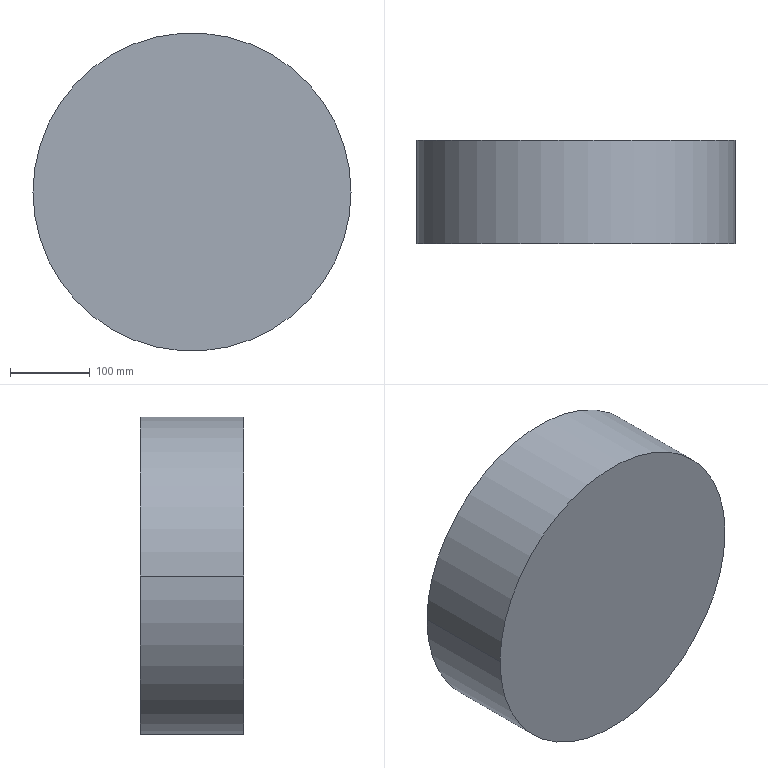Component | SolidWorks | 400ShockAbsorbingPad-1 | 1 solid | 8 faces | box 400 x 130 x 400 mm | volume 16266148 mm3 | cylinder 4 | cone 2 | plane 2 | commonest cylinder face diameters 400 x2 32 x2 | material Plain Carbon Steel
STEP:
#1=CARTESIAN_POINT('',(-36.811,-2.756,9.252));
#2=VERTEX_POINT('',#1);
#3=CARTESIAN_POINT('',(-21.063,-2.756,9.252));
#4=VERTEX_POINT('',#3);
#5=CARTESIAN_POINT('',(-28.937,-2.756,9.252));
#6=DIRECTION('',(0.,-1.,0.));
#7=DIRECTION('',(-1.,0.,0.));
#8=AXIS2_PLACEMENT_3D('',#5,#6,#7);
#9=CIRCLE('',#8,7.874);
#10=EDGE_CURVE('',#2,#4,#9,.T.);
#11=ORIENTED_EDGE('',*,*,#10,.T.);
#12=CARTESIAN_POINT('',(-21.063,-7.874,9.252));
#13=VERTEX_POINT('',#12);
#14=CARTESIAN_POINT('',(-21.063,-2.756,9.252));
#15=DIRECTION('',(0.,-1.,0.));
#16=VECTOR('',#15,39.37);
#17=LINE('',#14,#16);
#18=EDGE_CURVE('',#4,#13,#17,.T.);
#19=ORIENTED_EDGE('',*,*,#18,.T.);
#20=CARTESIAN_POINT('',(-36.811,-7.874,9.252));
#21=VERTEX_POINT('',#20);
#22=CARTESIAN_POINT('',(-28.937,-7.874,9.252));
#23=DIRECTION('',(0.,1.,0.));
#24=DIRECTION('',(-1.,0.,0.));
#25=AXIS2_PLACEMENT_3D('',#22,#23,#24);
#26=CIRCLE('',#25,7.874);
#27=EDGE_CURVE('',#13,#21,#26,.T.);
#28=ORIENTED_EDGE('',*,*,#27,.T.);
#29=CARTESIAN_POINT('',(-36.811,-2.756,9.252));
#30=DIRECTION('',(0.,-1.,0.));
#31=VECTOR('',#30,39.37);
#32=LINE('',#29,#31);
#33=EDGE_CURVE('',#2,#21,#32,.T.);
#34=ORIENTED_EDGE('',*,*,#33,.F.);
#35=EDGE_LOOP('',(#11,#19,#28,#34));
#36=FACE_OUTER_BOUND('',#35,.T.);
#37=CARTESIAN_POINT('',(-28.937,-2.756,9.252));
#38=DIRECTION('',(0.,-1.,0.));
#39=DIRECTION('',(-1.,0.,0.));
#40=AXIS2_PLACEMENT_3D('',#37,#38,#39);
#41=CYLINDRICAL_SURFACE('',#40,7.874);
#42=ADVANCED_FACE('',(#36),#41,.T.);
#43=CARTESIAN_POINT('',(-29.567,-6.063,9.252));
#44=VERTEX_POINT('',#43);
#45=CARTESIAN_POINT('',(-28.307,-6.063,9.252));
#46=VERTEX_POINT('',#45);
#47=CARTESIAN_POINT('',(-28.937,-6.063,9.252));
#48=DIRECTION('',(0.,1.,0.));
#49=DIRECTION('',(1.,0.,0.));
#50=AXIS2_PLACEMENT_3D('',#47,#48,#49);
#51=CIRCLE('',#50,0.6299);
#52=EDGE_CURVE('',#44,#46,#51,.T.);
#53=ORIENTED_EDGE('',*,*,#52,.F.);
#54=CARTESIAN_POINT('',(-29.567,-2.756,9.252));
#55=VERTEX_POINT('',#54);
#56=CARTESIAN_POINT('',(-29.567,-2.756,9.252));
#57=DIRECTION('',(0.,1.,0.));
#58=VECTOR('',#57,39.37);
#59=LINE('',#56,#58);
#60=EDGE_CURVE('',#44,#55,#59,.T.);
#61=ORIENTED_EDGE('',*,*,#60,.T.);
#62=CARTESIAN_POINT('',(-28.307,-2.756,9.252));
#63=VERTEX_POINT('',#62);
#64=CARTESIAN_POINT('',(-28.937,-2.756,9.252));
#65=DIRECTION('',(0.,-1.,0.));
#66=DIRECTION('',(1.,0.,0.));
#67=AXIS2_PLACEMENT_3D('',#64,#65,#66);
#68=CIRCLE('',#67,0.6299);
#69=EDGE_CURVE('',#63,#55,#68,.T.);
#70=ORIENTED_EDGE('',*,*,#69,.F.);
#71=CARTESIAN_POINT('',(-28.307,-2.756,9.252));
#72=DIRECTION('',(0.,1.,0.));
#73=VECTOR('',#72,39.37);
#74=LINE('',#71,#73);
#75=EDGE_CURVE('',#46,#63,#74,.T.);
#76=ORIENTED_EDGE('',*,*,#75,.F.);
#77=EDGE_LOOP('',(#53,#61,#70,#76));
#78=FACE_OUTER_BOUND('',#77,.T.);
#79=CARTESIAN_POINT('',(-28.937,-2.756,9.252));
#80=DIRECTION('',(0.,1.,0.));
#81=DIRECTION('',(1.,0.,0.));
#82=AXIS2_PLACEMENT_3D('',#79,#80,#81);
#83=CYLINDRICAL_SURFACE('',#82,0.6299);
#84=ADVANCED_FACE('',(#78),#83,.F.);
#85=CARTESIAN_POINT('',(-28.937,-6.441,9.252));
#86=VERTEX_POINT('',#85);
#87=CARTESIAN_POINT('',(-28.307,-6.063,9.252));
#88=DIRECTION('',(0.8572,0.515,0.));
#89=VECTOR('',#88,39.37);
#90=LINE('',#87,#89);
#91=EDGE_CURVE('',#86,#46,#90,.T.);
#92=ORIENTED_EDGE('',*,*,#91,.F.);
#93=CARTESIAN_POINT('',(-29.567,-6.063,9.252));
#94=DIRECTION('',(-0.8572,0.515,-0.));
#95=VECTOR('',#94,39.37);
#96=LINE('',#93,#95);
#97=EDGE_CURVE('',#86,#44,#96,.T.);
#98=ORIENTED_EDGE('',*,*,#97,.T.);
#99=ORIENTED_EDGE('',*,*,#52,.T.);
#100=EDGE_LOOP('',(#92,#98,#99));
#101=FACE_OUTER_BOUND('',#100,.T.);
#102=CARTESIAN_POINT('',(-28.937,-6.063,9.252));
#103=DIRECTION('',(0.,1.,0.));
#104=DIRECTION('',(1.,0.,0.));
#105=AXIS2_PLACEMENT_3D('',#102,#103,#104);
#106=CONICAL_SURFACE('',#105,0.6299,1.03);
#107=ADVANCED_FACE('',(#101),#106,.F.);
#108=CARTESIAN_POINT('',(-28.937,-7.874,9.252));
#109=DIRECTION('',(0.,1.,0.));
#110=DIRECTION('',(-1.,0.,0.));
#111=AXIS2_PLACEMENT_3D('',#108,#109,#110);
#112=CIRCLE('',#111,7.874);
#113=EDGE_CURVE('',#21,#13,#112,.T.);
#114=ORIENTED_EDGE('',*,*,#113,.F.);
#115=ORIENTED_EDGE('',*,*,#27,.F.);
#116=EDGE_LOOP('',(#114,#115));
#117=FACE_OUTER_BOUND('',#116,.T.);
#118=CARTESIAN_POINT('',(-28.937,-7.874,9.252));
#119=DIRECTION('',(0.,1.,0.));
#120=DIRECTION('',(1.,0.,0.));
#121=AXIS2_PLACEMENT_3D('',#118,#119,#120);
#122=PLANE('',#121);
#123=ADVANCED_FACE('',(#117),#122,.F.);
#124=ORIENTED_EDGE('',*,*,#18,.F.);
#125=CARTESIAN_POINT('',(-28.937,-2.756,9.252));
#126=DIRECTION('',(0.,-1.,0.));
#127=DIRECTION('',(-1.,0.,0.));
#128=AXIS2_PLACEMENT_3D('',#125,#126,#127);
#129=CIRCLE('',#128,7.874);
#130=EDGE_CURVE('',#4,#2,#129,.T.);
#131=ORIENTED_EDGE('',*,*,#130,.T.);
#132=ORIENTED_EDGE('',*,*,#33,.T.);
#133=ORIENTED_EDGE('',*,*,#113,.T.);
#134=EDGE_LOOP('',(#124,#131,#132,#133));
#135=FACE_OUTER_BOUND('',#134,.T.);
#136=CARTESIAN_POINT('',(-28.937,-2.756,9.252));
#137=DIRECTION('',(0.,-1.,0.));
#138=DIRECTION('',(-1.,0.,0.));
#139=AXIS2_PLACEMENT_3D('',#136,#137,#138);
#140=CYLINDRICAL_SURFACE('',#139,7.874);
#141=ADVANCED_FACE('',(#135),#140,.T.);
#142=ORIENTED_EDGE('',*,*,#10,.F.);
#143=ORIENTED_EDGE('',*,*,#130,.F.);
#144=EDGE_LOOP('',(#142,#143));
#145=FACE_OUTER_BOUND('',#144,.T.);
#146=ORIENTED_EDGE('',*,*,#69,.T.);
#147=CARTESIAN_POINT('',(-28.937,-2.756,9.252));
#148=DIRECTION('',(0.,-1.,0.));
#149=DIRECTION('',(1.,0.,0.));
#150=AXIS2_PLACEMENT_3D('',#147,#148,#149);
#151=CIRCLE('',#150,0.6299);
#152=EDGE_CURVE('',#55,#63,#151,.T.);
#153=ORIENTED_EDGE('',*,*,#152,.T.);
#154=EDGE_LOOP('',(#146,#153));
#155=FACE_BOUND('',#154,.T.);
#156=CARTESIAN_POINT('',(-28.937,-2.756,9.252));
#157=DIRECTION('',(0.,1.,0.));
#158=DIRECTION('',(1.,0.,0.));
#159=AXIS2_PLACEMENT_3D('',#156,#157,#158);
#160=PLANE('',#159);
#161=ADVANCED_FACE('',(#145,#155),#160,.T.);
#162=ORIENTED_EDGE('',*,*,#60,.F.);
#163=CARTESIAN_POINT('',(-28.937,-6.063,9.252));
#164=DIRECTION('',(0.,1.,0.));
#165=DIRECTION('',(1.,0.,0.));
#166=AXIS2_PLACEMENT_3D('',#163,#164,#165);
#167=CIRCLE('',#166,0.6299);
#168=EDGE_CURVE('',#46,#44,#167,.T.);
#169=ORIENTED_EDGE('',*,*,#168,.F.);
#170=ORIENTED_EDGE('',*,*,#75,.T.);
#171=ORIENTED_EDGE('',*,*,#152,.F.);
#172=EDGE_LOOP('',(#162,#169,#170,#171));
#173=FACE_OUTER_BOUND('',#172,.T.);
#174=CARTESIAN_POINT('',(-28.937,-2.756,9.252));
#175=DIRECTION('',(0.,1.,0.));
#176=DIRECTION('',(1.,0.,0.));
#177=AXIS2_PLACEMENT_3D('',#174,#175,#176);
#178=CYLINDRICAL_SURFACE('',#177,0.6299);
#179=ADVANCED_FACE('',(#173),#178,.F.);
#180=ORIENTED_EDGE('',*,*,#97,.F.);
#181=ORIENTED_EDGE('',*,*,#91,.T.);
#182=ORIENTED_EDGE('',*,*,#168,.T.);
#183=EDGE_LOOP('',(#180,#181,#182));
#184=FACE_OUTER_BOUND('',#183,.T.);
#185=CARTESIAN_POINT('',(-28.937,-6.063,9.252));
#186=DIRECTION('',(0.,1.,0.));
#187=DIRECTION('',(1.,0.,0.));
#188=AXIS2_PLACEMENT_3D('',#185,#186,#187);
#189=CONICAL_SURFACE('',#188,0.6299,1.03);
#190=ADVANCED_FACE('',(#184),#189,.F.);
#191=CLOSED_SHELL('',(#42,#84,#107,#123,#141,#161,#179,#190));
#192=MANIFOLD_SOLID_BREP('',#191);
#193=CARTESIAN_POINT('',(0.,0.,0.));
#194=DIRECTION('',(0.,0.,1.));
#195=DIRECTION('',(1.,0.,0.));
#196=AXIS2_PLACEMENT_3D('',#193,#194,#195);
#197=(LENGTH_UNIT()NAMED_UNIT(*)SI_UNIT($,.METRE.));
#198=LENGTH_MEASURE_WITH_UNIT(LENGTH_MEASURE(0.0254),#197);
#199=DIMENSIONAL_EXPONENTS(1.,0.,0.,0.,0.,0.,0.);
#200=(CONVERSION_BASED_UNIT('',#198)LENGTH_UNIT()NAMED_UNIT(#199));
#201=UNCERTAINTY_MEASURE_WITH_UNIT(LENGTH_MEASURE(0.00001),#200,'','');
#202=(NAMED_UNIT(*)PLANE_ANGLE_UNIT()SI_UNIT($,.RADIAN.));
#203=(NAMED_UNIT(*)SI_UNIT($,.STERADIAN.)SOLID_ANGLE_UNIT());
#204=(GEOMETRIC_REPRESENTATION_CONTEXT(3)GLOBAL_UNCERTAINTY_ASSIGNED_CONTEXT((#201))GLOBAL_UNIT_ASSIGNED_CONTEXT((#200,#202,#203))REPRESENTATION_CONTEXT('',''));
#205=ADVANCED_BREP_SHAPE_REPRESENTATION('',(#192,#196),#204);
#206=COLOUR_RGB('',0.7922,0.8196,0.9333);
#207=FILL_AREA_STYLE_COLOUR('',#206);
#208=FILL_AREA_STYLE('',(#207));
#209=SURFACE_STYLE_FILL_AREA(#208);
#210=SURFACE_SIDE_STYLE('',(#209));
#211=SURFACE_STYLE_USAGE(.BOTH.,#210);
#212=PRESENTATION_STYLE_ASSIGNMENT((#211));
#213=STYLED_ITEM('',(#212),#192);
#214=PRESENTATION_LAYER_ASSIGNMENT('','',(#213));
#215=(LENGTH_UNIT()NAMED_UNIT(*)SI_UNIT($,.METRE.));
#216=LENGTH_MEASURE_WITH_UNIT(LENGTH_MEASURE(0.0254),#215);
#217=DIMENSIONAL_EXPONENTS(1.,0.,0.,0.,0.,0.,0.);
#218=(CONVERSION_BASED_UNIT('',#216)LENGTH_UNIT()NAMED_UNIT(#217));
#219=UNCERTAINTY_MEASURE_WITH_UNIT(LENGTH_MEASURE(0.00001),#218,'','');
#220=(NAMED_UNIT(*)PLANE_ANGLE_UNIT()SI_UNIT($,.RADIAN.));
#221=(NAMED_UNIT(*)SI_UNIT($,.STERADIAN.)SOLID_ANGLE_UNIT());
#222=(GEOMETRIC_REPRESENTATION_CONTEXT(3)GLOBAL_UNCERTAINTY_ASSIGNED_CONTEXT((#219))GLOBAL_UNIT_ASSIGNED_CONTEXT((#218,#220,#221))REPRESENTATION_CONTEXT('',''));
#223=MECHANICAL_DESIGN_GEOMETRIC_PRESENTATION_REPRESENTATION('',(#213),#222);

===============

■ Exercise instructions: Among the records above, find each line holding the string "CIRCLE" and pull it out.

■ Reply:
#9=CIRCLE('',#8,7.874);
#26=CIRCLE('',#25,7.874);
#51=CIRCLE('',#50,0.6299);
#68=CIRCLE('',#67,0.6299);
#112=CIRCLE('',#111,7.874);
#129=CIRCLE('',#128,7.874);
#151=CIRCLE('',#150,0.6299);
#167=CIRCLE('',#166,0.6299);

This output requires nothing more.